--- STORED DATA Enclosed Below ---

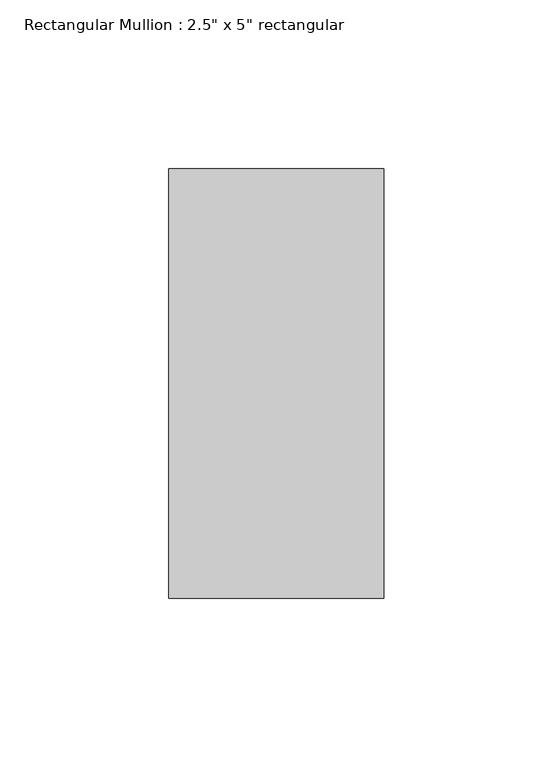
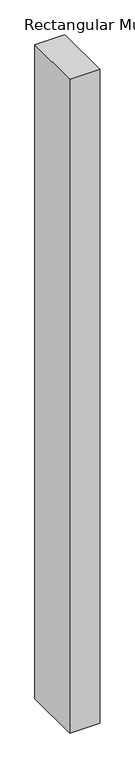
"""IFC4 building model written with IfcOpenShell, lengths in millimetres: member geometry."""

from ifc_helpers import new_model, si_unit, frame, origin, place, context, project, spatial, polyline, outline, extrude, source, transform, mapped, element, save


def member_4a1dde21(model_context):
    return source(origin(), model_context, "Body", "SweptSolid", [
        extrude(outline(polyline([(0.0, 63.5), (0.0, -63.5), (-63.5, -63.5), (-63.5, 63.5), (0.0, 63.5)])), frame((0.0, 0.0, -1460.5), z_axis=(0.0, 0.0, 1.0), x_axis=(1.0, 0.0, 0.0)), (0.0, 0.0, 1.0), 1460.5),
    ])


if __name__ == "__main__":
    model = new_model("IFC4")
    model_context = context("Model", 3, world=origin())
    ifc_project = project(units=[si_unit("LENGTHUNIT", "METRE", prefix="MILLI")], contexts=[model_context])
    site = spatial("IfcSite", under=ifc_project)
    building = spatial("IfcBuilding", under=site)
    placement = place(None, origin())
    member_shape = member_4a1dde21(model_context)
    element("IfcMember", 1, ObjectType="Rectangular Mullion : 2.5\" x 5\" rectangular", at=placement, inside=building, context=model_context, shape_type="MappedRepresentation", body=[
        mapped(member_shape, transform((0.0, 0.0, 0.0), x_axis=(1.0, 0.0, 0.0), y_axis=(0.0, 1.0, 0.0), z_axis=(0.0, 0.0, 1.0))),
    ])
    save(model, "model.ifc")

# Revit data of these elements
# Type "Rectangular Mullion : 2.5\" x 5\" rectangular"
#   built-in parameter 1007304 = 0.416667 (stored number, unit not read)
#   built-in parameter 1007301 = 0.104167 (stored number, unit not read)
#   built-in parameter 1007300 = 0.104167 (stored number, unit not read)
# Element 1 (IfcMember, "Rectangular Mullion : 2.5\" x 5\" rectangular")
#   Materials on its faces: "Aluminum"
# Materials
#   "Aluminum": class "Metal", colour RGB 247 247 247, transparency 0, Description = "Aluminum 6061", Cost = 0

--- End of Enclosed STORED DATA ---

DESCRIPTION OF THE TASK: Please set down every record above exactly as it appears, leaving out the pictures.

EXERCISE SOLUTION:
"""IFC4 building model written with IfcOpenShell, lengths in millimetres: member geometry."""

from ifc_helpers import new_model, si_unit, frame, origin, place, context, project, spatial, polyline, outline, extrude, source, transform, mapped, element, save


def member_4a1dde21(model_context):
    return source(origin(), model_context, "Body", "SweptSolid", [
        extrude(outline(polyline([(0.0, 63.5), (0.0, -63.5), (-63.5, -63.5), (-63.5, 63.5), (0.0, 63.5)])), frame((0.0, 0.0, -1460.5), z_axis=(0.0, 0.0, 1.0), x_axis=(1.0, 0.0, 0.0)), (0.0, 0.0, 1.0), 1460.5),
    ])


if __name__ == "__main__":
    model = new_model("IFC4")
    model_context = context("Model", 3, world=origin())
    ifc_project = project(units=[si_unit("LENGTHUNIT", "METRE", prefix="MILLI")], contexts=[model_context])
    site = spatial("IfcSite", under=ifc_project)
    building = spatial("IfcBuilding", under=site)
    placement = place(None, origin())
    member_shape = member_4a1dde21(model_context)
    element("IfcMember", 1, ObjectType="Rectangular Mullion : 2.5\" x 5\" rectangular", at=placement, inside=building, context=model_context, shape_type="MappedRepresentation", body=[
        mapped(member_shape, transform((0.0, 0.0, 0.0), x_axis=(1.0, 0.0, 0.0), y_axis=(0.0, 1.0, 0.0), z_axis=(0.0, 0.0, 1.0))),
    ])
    save(model, "model.ifc")

# Revit data of these elements
# Type "Rectangular Mullion : 2.5\" x 5\" rectangular"
#   built-in parameter 1007304 = 0.416667 (stored number, unit not read)
#   built-in parameter 1007301 = 0.104167 (stored number, unit not read)
#   built-in parameter 1007300 = 0.104167 (stored number, unit not read)
# Element 1 (IfcMember, "Rectangular Mullion : 2.5\" x 5\" rectangular")
#   Materials on its faces: "Aluminum"
# Materials
#   "Aluminum": class "Metal", colour RGB 247 247 247, transparency 0, Description = "Aluminum 6061", Cost = 0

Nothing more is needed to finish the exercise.